+++ Supplied data +++

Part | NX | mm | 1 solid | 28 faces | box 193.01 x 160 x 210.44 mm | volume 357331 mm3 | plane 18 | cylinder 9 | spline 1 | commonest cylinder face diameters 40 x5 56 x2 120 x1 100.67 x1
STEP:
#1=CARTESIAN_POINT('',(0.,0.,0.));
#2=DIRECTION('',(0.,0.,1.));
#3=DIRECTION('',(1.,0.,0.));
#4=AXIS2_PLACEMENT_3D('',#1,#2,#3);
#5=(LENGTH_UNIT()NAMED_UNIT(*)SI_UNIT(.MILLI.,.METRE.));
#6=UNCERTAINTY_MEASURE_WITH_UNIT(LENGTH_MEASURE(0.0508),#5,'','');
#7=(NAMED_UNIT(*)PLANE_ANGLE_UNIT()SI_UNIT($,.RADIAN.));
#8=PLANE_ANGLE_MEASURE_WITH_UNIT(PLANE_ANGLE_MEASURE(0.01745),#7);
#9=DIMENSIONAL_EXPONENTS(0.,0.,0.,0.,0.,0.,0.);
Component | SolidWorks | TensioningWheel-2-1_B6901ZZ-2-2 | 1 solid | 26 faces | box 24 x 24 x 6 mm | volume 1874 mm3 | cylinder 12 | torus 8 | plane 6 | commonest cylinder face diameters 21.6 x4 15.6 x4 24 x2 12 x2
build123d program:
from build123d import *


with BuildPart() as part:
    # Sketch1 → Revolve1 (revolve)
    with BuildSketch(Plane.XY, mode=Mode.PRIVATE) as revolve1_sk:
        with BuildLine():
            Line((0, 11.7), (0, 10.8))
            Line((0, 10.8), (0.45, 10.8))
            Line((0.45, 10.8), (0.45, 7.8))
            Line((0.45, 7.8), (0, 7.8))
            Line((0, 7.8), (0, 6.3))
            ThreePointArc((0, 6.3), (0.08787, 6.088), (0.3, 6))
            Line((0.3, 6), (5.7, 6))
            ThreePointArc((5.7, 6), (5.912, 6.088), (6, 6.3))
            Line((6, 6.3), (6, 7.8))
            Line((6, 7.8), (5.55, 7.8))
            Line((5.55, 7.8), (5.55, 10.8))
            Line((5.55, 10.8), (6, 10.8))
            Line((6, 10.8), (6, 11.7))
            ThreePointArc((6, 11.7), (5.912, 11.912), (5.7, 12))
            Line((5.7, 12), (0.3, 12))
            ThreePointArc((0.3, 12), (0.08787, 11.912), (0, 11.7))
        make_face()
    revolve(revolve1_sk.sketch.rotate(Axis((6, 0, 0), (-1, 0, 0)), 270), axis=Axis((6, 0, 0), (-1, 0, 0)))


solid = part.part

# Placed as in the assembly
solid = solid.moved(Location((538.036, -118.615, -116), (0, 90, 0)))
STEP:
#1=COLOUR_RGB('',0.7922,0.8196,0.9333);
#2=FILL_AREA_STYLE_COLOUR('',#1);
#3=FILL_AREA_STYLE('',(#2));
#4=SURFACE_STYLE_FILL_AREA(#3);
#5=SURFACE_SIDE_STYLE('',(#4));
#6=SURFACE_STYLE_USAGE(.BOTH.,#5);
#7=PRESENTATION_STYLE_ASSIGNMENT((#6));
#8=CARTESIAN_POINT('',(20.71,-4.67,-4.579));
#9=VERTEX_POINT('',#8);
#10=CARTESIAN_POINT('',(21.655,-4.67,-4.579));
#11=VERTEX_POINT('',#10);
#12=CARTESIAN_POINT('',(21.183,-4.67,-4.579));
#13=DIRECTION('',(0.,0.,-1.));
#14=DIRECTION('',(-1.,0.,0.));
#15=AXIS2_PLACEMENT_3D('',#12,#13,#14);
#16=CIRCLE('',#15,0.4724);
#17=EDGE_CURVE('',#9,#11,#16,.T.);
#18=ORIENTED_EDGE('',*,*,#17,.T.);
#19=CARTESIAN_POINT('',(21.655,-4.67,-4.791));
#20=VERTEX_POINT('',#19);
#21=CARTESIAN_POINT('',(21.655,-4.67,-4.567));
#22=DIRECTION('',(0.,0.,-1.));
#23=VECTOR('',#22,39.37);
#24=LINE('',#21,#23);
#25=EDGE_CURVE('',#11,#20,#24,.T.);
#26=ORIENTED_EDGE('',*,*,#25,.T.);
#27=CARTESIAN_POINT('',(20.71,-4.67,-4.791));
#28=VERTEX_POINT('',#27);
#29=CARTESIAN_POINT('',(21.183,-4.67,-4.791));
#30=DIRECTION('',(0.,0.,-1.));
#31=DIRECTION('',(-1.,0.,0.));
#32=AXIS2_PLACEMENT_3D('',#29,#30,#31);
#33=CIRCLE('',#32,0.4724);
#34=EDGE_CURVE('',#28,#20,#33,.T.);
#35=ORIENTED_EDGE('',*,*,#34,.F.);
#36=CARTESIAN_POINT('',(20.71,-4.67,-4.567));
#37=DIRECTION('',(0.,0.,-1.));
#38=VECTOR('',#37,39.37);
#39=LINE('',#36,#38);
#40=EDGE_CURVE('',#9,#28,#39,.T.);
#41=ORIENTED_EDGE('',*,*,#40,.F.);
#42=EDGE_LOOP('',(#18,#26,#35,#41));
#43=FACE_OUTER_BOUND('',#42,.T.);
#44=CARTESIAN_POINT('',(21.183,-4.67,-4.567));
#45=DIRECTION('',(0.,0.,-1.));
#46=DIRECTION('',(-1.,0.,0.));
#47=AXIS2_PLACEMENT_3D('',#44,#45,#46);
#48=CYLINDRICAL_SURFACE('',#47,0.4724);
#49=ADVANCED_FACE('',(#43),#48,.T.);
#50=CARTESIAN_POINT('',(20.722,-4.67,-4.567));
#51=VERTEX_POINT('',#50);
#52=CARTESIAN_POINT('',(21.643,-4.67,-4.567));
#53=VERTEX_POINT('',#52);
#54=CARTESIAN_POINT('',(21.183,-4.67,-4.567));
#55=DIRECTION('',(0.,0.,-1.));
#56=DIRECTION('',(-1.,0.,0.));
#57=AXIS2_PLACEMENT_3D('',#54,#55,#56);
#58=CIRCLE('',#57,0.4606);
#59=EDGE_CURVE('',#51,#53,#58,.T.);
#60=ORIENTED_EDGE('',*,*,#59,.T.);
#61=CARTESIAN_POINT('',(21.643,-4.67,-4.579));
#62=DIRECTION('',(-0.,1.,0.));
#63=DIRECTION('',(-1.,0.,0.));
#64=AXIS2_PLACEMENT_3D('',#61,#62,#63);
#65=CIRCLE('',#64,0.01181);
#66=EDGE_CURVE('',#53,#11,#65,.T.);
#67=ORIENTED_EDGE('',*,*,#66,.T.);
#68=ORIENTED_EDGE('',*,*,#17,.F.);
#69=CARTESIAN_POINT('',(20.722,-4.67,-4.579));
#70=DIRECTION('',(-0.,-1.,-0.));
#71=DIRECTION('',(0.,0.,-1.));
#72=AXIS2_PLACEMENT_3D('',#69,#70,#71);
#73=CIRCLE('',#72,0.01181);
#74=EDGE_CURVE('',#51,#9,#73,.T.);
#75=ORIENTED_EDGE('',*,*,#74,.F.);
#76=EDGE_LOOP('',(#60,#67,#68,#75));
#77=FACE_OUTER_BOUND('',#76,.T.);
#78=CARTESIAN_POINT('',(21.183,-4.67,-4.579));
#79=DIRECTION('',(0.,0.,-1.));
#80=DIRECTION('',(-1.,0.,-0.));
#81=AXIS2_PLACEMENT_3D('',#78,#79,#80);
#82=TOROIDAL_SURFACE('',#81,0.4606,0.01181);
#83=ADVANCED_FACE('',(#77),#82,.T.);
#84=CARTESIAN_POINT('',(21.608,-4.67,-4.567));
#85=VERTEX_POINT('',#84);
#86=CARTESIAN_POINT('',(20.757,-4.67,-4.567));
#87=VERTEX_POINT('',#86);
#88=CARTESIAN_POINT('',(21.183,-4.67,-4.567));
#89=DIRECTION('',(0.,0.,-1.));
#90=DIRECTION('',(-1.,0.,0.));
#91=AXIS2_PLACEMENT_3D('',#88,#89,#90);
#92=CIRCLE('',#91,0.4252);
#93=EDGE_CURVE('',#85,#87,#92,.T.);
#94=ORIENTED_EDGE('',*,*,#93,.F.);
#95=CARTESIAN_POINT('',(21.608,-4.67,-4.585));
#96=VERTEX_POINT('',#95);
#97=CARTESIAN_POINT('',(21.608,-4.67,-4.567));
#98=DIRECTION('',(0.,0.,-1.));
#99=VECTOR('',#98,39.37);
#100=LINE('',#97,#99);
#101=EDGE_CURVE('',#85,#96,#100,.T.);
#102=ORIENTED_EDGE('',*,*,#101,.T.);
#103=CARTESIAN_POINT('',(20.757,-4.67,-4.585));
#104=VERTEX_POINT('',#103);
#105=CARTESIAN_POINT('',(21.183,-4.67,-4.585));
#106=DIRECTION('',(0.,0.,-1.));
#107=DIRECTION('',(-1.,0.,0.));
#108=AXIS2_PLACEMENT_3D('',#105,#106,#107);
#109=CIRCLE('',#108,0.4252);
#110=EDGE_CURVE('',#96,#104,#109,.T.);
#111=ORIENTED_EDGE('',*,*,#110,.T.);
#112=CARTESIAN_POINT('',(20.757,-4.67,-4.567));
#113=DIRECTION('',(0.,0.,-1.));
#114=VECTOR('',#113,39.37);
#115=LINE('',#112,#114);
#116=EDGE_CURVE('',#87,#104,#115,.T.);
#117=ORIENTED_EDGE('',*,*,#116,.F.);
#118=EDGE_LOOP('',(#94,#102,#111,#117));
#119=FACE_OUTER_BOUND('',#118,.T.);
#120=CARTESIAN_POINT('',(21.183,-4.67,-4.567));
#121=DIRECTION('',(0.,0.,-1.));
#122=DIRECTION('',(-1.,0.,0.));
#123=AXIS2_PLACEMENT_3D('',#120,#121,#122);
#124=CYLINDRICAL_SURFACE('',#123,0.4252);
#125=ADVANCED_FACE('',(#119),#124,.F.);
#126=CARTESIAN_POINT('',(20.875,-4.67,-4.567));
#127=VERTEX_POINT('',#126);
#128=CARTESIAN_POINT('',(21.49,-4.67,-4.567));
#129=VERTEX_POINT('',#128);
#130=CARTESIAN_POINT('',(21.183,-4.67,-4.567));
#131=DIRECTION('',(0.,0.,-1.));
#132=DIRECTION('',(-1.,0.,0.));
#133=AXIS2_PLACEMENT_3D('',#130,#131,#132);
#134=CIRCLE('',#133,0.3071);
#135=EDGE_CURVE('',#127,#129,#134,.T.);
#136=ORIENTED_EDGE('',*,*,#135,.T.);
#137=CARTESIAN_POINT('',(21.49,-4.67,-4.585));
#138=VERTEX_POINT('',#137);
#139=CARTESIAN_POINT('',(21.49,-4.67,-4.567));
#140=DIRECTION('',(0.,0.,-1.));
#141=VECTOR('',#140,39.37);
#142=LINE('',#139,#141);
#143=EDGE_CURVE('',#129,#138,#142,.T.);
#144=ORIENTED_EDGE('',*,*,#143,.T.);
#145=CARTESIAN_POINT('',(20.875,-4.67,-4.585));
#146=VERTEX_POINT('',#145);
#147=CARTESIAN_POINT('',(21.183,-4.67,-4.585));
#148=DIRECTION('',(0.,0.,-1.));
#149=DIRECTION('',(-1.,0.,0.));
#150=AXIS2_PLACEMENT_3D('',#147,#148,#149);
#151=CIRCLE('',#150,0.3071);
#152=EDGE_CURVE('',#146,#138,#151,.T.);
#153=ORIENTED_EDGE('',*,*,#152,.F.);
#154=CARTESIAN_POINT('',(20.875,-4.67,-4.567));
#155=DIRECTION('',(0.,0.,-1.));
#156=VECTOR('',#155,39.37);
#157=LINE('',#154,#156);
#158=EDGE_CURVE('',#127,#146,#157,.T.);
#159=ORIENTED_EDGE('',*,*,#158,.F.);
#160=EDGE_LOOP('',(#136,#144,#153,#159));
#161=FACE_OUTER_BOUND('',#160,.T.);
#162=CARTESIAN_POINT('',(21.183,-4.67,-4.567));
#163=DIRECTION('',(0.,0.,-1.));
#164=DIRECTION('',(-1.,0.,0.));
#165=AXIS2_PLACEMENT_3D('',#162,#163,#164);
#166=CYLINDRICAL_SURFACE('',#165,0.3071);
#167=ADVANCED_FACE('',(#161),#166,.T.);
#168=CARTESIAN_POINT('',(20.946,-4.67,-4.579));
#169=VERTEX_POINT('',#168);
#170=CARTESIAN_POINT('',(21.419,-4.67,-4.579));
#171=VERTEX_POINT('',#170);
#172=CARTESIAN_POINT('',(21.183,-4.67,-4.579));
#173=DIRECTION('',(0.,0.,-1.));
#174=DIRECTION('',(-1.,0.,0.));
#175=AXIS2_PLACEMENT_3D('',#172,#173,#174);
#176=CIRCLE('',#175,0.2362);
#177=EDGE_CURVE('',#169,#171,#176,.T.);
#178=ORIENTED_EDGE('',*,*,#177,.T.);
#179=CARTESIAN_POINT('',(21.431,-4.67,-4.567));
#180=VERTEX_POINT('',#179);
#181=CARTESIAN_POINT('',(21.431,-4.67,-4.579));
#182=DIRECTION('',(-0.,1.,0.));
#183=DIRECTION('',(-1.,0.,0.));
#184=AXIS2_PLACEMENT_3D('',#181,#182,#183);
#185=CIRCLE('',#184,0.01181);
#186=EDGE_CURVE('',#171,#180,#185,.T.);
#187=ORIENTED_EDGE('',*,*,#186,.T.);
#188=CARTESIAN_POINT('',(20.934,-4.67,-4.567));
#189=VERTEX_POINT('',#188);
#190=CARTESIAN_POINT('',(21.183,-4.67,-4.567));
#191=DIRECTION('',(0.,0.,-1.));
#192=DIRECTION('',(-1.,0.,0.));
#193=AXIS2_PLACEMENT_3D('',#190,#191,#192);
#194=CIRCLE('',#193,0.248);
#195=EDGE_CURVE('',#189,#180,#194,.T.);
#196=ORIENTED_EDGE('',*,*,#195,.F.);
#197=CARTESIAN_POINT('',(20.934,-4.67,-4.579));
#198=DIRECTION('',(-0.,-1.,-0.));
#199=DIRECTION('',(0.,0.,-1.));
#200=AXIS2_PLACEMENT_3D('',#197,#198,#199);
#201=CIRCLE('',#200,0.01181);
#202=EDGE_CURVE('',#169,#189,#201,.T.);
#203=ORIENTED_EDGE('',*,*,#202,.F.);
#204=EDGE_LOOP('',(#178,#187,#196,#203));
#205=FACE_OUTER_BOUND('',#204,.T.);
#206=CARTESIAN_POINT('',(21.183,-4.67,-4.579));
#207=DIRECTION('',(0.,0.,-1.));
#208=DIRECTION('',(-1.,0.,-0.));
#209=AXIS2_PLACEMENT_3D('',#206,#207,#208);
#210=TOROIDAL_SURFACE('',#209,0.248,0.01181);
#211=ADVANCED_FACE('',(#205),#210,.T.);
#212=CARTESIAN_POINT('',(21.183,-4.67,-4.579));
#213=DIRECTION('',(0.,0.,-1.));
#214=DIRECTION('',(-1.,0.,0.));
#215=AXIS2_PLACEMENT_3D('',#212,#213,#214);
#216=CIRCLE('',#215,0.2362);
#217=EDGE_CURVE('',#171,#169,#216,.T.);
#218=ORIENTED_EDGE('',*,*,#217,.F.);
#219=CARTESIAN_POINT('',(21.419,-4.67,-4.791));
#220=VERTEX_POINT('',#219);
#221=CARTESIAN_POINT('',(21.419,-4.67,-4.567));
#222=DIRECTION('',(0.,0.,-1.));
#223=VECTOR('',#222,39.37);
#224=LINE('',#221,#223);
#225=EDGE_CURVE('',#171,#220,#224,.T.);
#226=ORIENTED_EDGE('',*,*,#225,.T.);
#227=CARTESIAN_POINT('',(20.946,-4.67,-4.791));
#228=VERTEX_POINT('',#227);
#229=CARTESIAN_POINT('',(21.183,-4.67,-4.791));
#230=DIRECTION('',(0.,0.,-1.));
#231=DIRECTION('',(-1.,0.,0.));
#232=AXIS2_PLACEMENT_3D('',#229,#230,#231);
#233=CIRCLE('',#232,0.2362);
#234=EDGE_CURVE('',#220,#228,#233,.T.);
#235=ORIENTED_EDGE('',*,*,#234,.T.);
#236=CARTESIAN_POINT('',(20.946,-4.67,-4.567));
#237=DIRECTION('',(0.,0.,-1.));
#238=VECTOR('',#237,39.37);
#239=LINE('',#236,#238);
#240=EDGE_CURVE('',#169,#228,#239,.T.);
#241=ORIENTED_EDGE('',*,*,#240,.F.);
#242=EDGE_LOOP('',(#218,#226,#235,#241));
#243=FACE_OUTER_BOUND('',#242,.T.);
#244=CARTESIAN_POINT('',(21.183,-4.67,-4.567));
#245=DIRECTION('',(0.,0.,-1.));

+++

→ Exercise
Lines from the one containing "#219=CARTESIAN_POINT('',(21.419,-4.67,-4.791));" to the end of the data are to be printed exactly, including the first and last.

→ Task response
#219=CARTESIAN_POINT('',(21.419,-4.67,-4.791));
#220=VERTEX_POINT('',#219);
#221=CARTESIAN_POINT('',(21.419,-4.67,-4.567));
#222=DIRECTION('',(0.,0.,-1.));
#223=VECTOR('',#222,39.37);
#224=LINE('',#221,#223);
#225=EDGE_CURVE('',#171,#220,#224,.T.);
#226=ORIENTED_EDGE('',*,*,#225,.T.);
#227=CARTESIAN_POINT('',(20.946,-4.67,-4.791));
#228=VERTEX_POINT('',#227);
#229=CARTESIAN_POINT('',(21.183,-4.67,-4.791));
#230=DIRECTION('',(0.,0.,-1.));
#231=DIRECTION('',(-1.,0.,0.));
#232=AXIS2_PLACEMENT_3D('',#229,#230,#231);
#233=CIRCLE('',#232,0.2362);
#234=EDGE_CURVE('',#220,#228,#233,.T.);
#235=ORIENTED_EDGE('',*,*,#234,.T.);
#236=CARTESIAN_POINT('',(20.946,-4.67,-4.567));
#237=DIRECTION('',(0.,0.,-1.));
#238=VECTOR('',#237,39.37);
#239=LINE('',#236,#238);
#240=EDGE_CURVE('',#169,#228,#239,.T.);
#241=ORIENTED_EDGE('',*,*,#240,.F.);
#242=EDGE_LOOP('',(#218,#226,#235,#241));
#243=FACE_OUTER_BOUND('',#242,.T.);
#244=CARTESIAN_POINT('',(21.183,-4.67,-4.567));
#245=DIRECTION('',(0.,0.,-1.));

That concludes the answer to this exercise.